→ **TASK DETAILS**: Give back exactly the lines running from the line with "0) x (0, 0, 1)" to the end of the entries, and only those lines.

→ **Recorded data**:
● ● ● ● ●
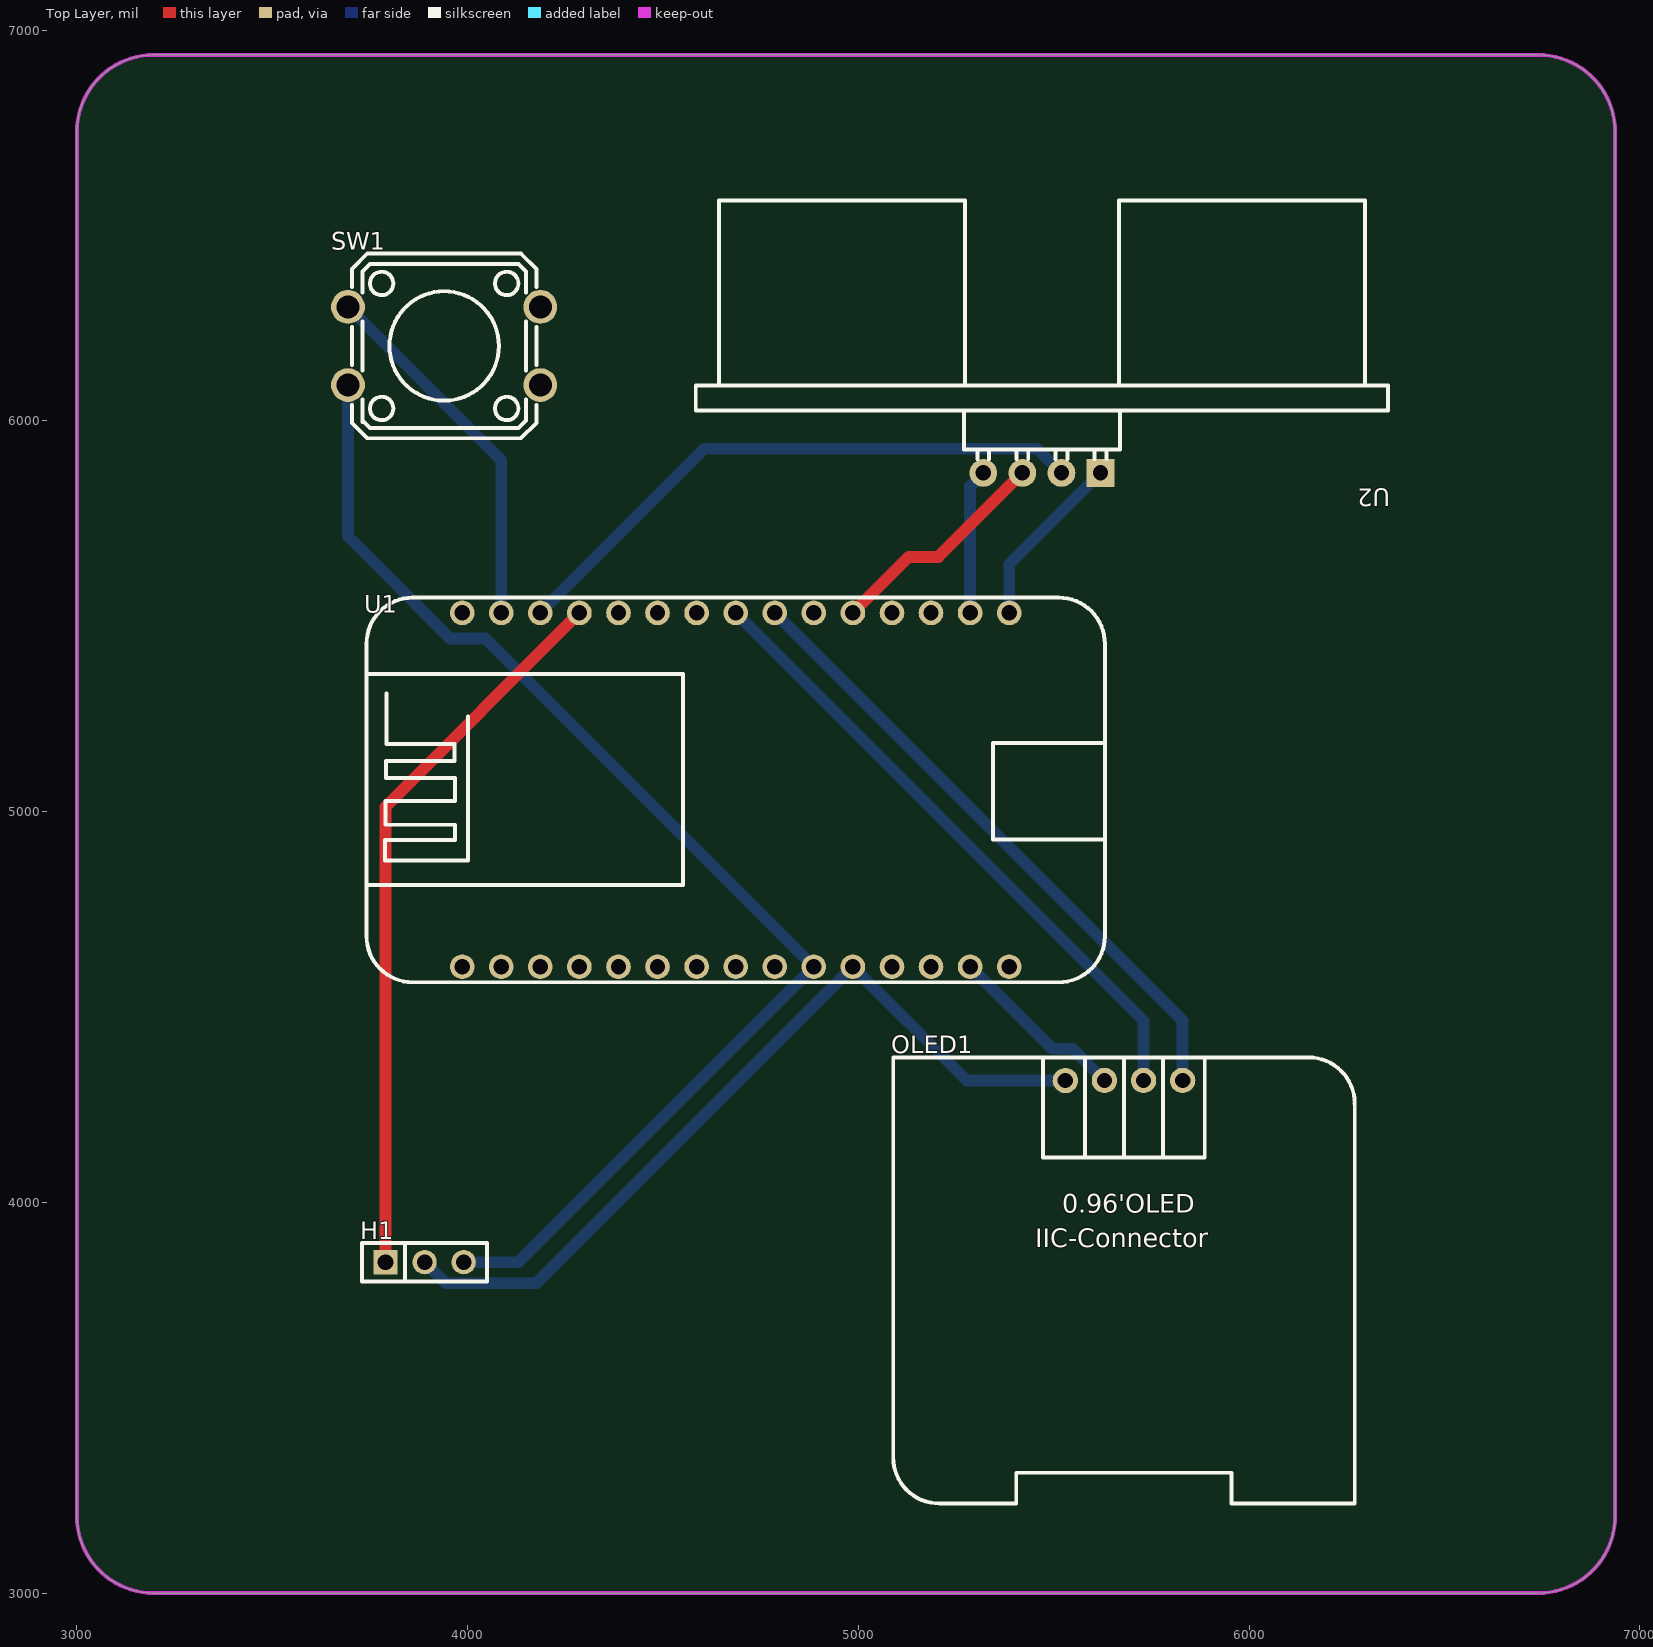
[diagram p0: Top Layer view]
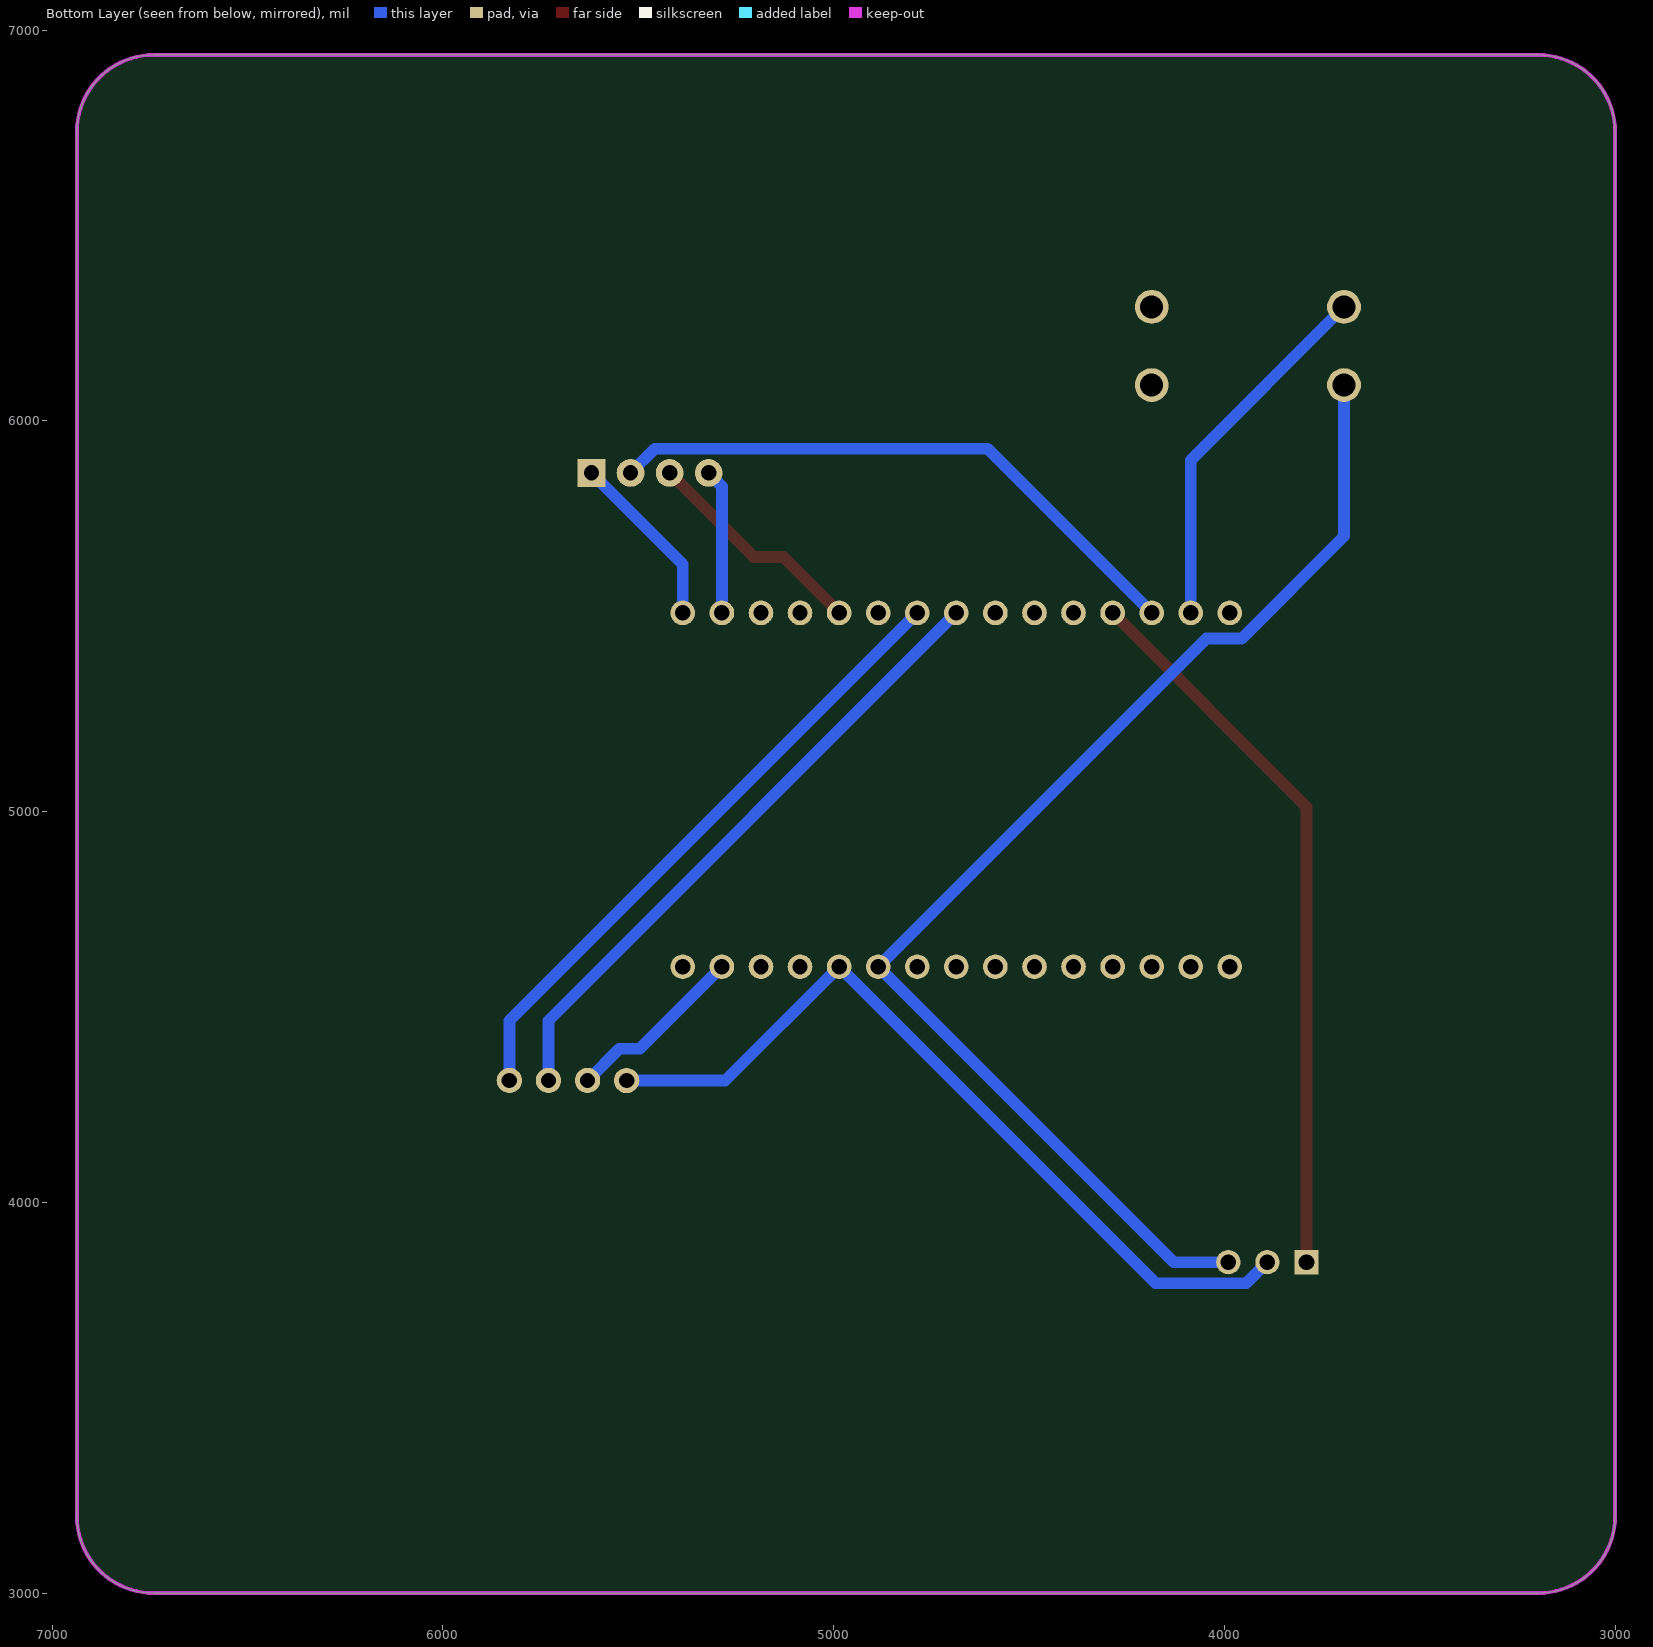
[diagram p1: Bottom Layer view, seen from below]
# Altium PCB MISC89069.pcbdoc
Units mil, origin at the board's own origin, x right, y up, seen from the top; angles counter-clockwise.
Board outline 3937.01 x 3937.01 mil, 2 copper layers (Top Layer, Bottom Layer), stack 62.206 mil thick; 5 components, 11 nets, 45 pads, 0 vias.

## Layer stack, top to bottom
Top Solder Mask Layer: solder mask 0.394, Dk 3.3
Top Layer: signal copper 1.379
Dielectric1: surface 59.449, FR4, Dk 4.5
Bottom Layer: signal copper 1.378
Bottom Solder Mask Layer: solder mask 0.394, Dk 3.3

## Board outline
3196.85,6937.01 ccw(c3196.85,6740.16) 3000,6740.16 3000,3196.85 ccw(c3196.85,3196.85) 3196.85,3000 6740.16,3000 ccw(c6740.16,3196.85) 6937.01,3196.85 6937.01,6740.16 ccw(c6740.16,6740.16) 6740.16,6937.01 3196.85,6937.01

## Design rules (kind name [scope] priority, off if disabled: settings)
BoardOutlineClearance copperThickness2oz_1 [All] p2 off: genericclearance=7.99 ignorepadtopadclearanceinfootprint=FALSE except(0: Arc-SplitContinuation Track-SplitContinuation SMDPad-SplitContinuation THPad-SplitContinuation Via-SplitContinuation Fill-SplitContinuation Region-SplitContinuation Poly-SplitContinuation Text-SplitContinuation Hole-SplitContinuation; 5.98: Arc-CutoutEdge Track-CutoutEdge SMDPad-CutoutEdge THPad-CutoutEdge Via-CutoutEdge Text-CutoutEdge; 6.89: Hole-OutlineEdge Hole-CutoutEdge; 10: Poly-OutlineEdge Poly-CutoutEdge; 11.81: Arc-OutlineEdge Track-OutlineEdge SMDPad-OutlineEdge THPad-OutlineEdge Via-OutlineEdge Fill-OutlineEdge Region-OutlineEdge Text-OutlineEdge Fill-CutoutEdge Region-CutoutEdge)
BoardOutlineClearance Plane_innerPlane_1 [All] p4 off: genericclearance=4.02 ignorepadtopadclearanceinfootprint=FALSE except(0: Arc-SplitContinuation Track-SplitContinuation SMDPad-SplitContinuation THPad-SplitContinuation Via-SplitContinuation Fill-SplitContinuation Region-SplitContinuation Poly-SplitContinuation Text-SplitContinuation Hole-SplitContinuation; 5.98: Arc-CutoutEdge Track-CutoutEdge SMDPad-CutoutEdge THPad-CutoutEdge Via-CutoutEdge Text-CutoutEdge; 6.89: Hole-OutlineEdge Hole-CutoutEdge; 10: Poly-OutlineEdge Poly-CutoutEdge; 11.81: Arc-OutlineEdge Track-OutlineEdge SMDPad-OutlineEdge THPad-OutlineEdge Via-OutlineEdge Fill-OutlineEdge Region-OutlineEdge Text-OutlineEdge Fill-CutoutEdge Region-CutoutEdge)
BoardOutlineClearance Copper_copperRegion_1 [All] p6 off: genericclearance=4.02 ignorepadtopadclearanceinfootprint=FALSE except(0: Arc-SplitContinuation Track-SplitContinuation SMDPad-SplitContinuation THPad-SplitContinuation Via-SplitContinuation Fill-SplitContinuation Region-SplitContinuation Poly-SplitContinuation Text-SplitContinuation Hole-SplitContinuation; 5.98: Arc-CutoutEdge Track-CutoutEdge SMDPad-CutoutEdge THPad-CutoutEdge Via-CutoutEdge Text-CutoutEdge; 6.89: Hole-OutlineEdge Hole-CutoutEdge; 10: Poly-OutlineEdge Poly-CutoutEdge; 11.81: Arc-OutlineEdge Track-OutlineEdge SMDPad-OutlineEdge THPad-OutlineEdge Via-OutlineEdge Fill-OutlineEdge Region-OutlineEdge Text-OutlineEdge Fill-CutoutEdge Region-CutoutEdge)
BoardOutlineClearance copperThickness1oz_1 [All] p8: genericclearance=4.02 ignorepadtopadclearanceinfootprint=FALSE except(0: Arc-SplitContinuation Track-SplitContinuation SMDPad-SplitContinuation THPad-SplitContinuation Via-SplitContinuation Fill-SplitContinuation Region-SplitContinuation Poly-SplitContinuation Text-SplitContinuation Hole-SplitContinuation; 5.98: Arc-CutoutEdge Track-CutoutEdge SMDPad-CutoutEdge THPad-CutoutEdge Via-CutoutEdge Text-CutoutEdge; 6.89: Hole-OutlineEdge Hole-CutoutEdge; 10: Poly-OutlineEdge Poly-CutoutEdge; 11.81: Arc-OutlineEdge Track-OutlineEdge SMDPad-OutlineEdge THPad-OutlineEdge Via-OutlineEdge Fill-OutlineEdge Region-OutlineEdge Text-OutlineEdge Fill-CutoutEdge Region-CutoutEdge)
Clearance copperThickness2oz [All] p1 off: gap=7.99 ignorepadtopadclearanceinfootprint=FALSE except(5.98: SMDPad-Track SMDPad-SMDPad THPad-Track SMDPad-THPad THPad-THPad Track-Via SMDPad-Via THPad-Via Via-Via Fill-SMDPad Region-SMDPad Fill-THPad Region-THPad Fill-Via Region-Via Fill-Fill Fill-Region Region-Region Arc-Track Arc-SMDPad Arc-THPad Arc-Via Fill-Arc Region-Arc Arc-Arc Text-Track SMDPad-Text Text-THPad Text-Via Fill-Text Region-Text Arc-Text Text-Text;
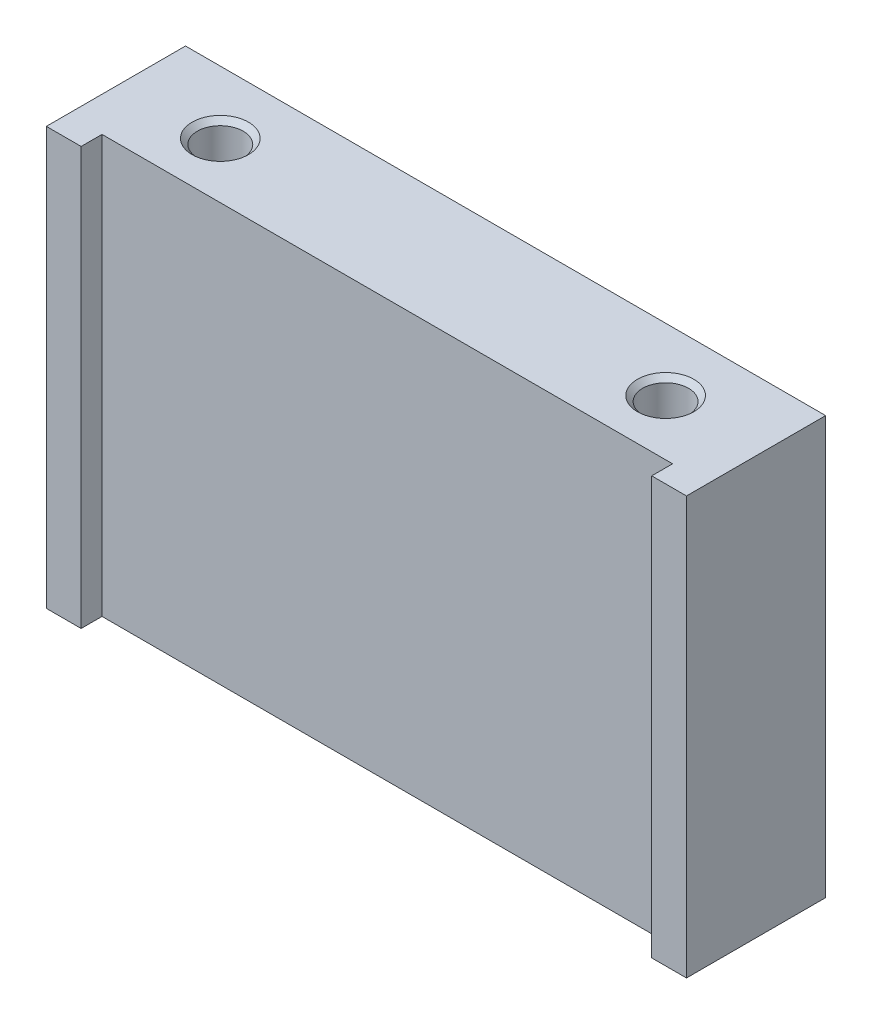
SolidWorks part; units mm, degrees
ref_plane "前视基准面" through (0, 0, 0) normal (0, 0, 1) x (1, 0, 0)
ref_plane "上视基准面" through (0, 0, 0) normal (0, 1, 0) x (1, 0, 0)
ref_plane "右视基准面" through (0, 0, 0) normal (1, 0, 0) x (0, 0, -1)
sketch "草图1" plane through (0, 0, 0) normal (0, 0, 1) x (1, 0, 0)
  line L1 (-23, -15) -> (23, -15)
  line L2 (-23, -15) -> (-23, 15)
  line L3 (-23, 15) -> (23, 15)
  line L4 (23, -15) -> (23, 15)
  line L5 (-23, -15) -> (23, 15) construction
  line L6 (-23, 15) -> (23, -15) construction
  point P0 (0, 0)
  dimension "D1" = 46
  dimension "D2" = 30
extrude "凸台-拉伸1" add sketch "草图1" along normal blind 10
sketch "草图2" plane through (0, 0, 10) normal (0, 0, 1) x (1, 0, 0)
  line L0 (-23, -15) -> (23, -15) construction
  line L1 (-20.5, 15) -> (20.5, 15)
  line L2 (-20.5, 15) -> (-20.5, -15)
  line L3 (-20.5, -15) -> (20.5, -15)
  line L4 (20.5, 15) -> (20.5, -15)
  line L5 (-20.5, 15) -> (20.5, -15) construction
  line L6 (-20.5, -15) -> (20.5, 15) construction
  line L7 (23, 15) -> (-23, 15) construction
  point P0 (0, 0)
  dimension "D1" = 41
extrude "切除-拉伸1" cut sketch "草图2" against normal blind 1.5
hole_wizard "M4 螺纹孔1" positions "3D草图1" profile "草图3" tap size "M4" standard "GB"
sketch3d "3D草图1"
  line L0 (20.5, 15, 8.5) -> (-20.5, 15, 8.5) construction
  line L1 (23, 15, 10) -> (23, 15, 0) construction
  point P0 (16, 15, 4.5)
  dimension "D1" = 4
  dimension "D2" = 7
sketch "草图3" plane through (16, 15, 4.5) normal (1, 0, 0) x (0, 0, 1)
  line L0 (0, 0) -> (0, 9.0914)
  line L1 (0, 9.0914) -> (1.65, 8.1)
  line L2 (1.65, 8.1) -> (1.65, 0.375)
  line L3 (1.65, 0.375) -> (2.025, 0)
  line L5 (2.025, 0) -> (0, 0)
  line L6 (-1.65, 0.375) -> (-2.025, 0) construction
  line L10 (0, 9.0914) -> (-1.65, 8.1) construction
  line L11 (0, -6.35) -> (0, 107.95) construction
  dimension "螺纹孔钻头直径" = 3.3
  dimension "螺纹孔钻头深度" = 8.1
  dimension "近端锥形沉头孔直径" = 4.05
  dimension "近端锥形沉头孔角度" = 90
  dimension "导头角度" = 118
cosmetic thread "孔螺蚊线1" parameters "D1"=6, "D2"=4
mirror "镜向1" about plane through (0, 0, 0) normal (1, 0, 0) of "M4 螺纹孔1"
● ● ● ● ●
→ **ANSWER TO THIS EXERCISE**:
sketch "草图3" plane through (16, 15, 4.5) normal (1, 0, 0) x (0, 0, 1)
  line L0 (0, 0) -> (0, 9.0914)
  line L1 (0, 9.0914) -> (1.65, 8.1)
  line L2 (1.65, 8.1) -> (1.65, 0.375)
  line L3 (1.65, 0.375) -> (2.025, 0)
  line L5 (2.025, 0) -> (0, 0)
  line L6 (-1.65, 0.375) -> (-2.025, 0) construction
  line L10 (0, 9.0914) -> (-1.65, 8.1) construction
  line L11 (0, -6.35) -> (0, 107.95) construction
  dimension "螺纹孔钻头直径" = 3.3
  dimension "螺纹孔钻头深度" = 8.1
  dimension "近端锥形沉头孔直径" = 4.05
  dimension "近端锥形沉头孔角度" = 90
  dimension "导头角度" = 118
cosmetic thread "孔螺蚊线1" parameters "D1"=6, "D2"=4
mirror "镜向1" about plane through (0, 0, 0) normal (1, 0, 0) of "M4 螺纹孔1"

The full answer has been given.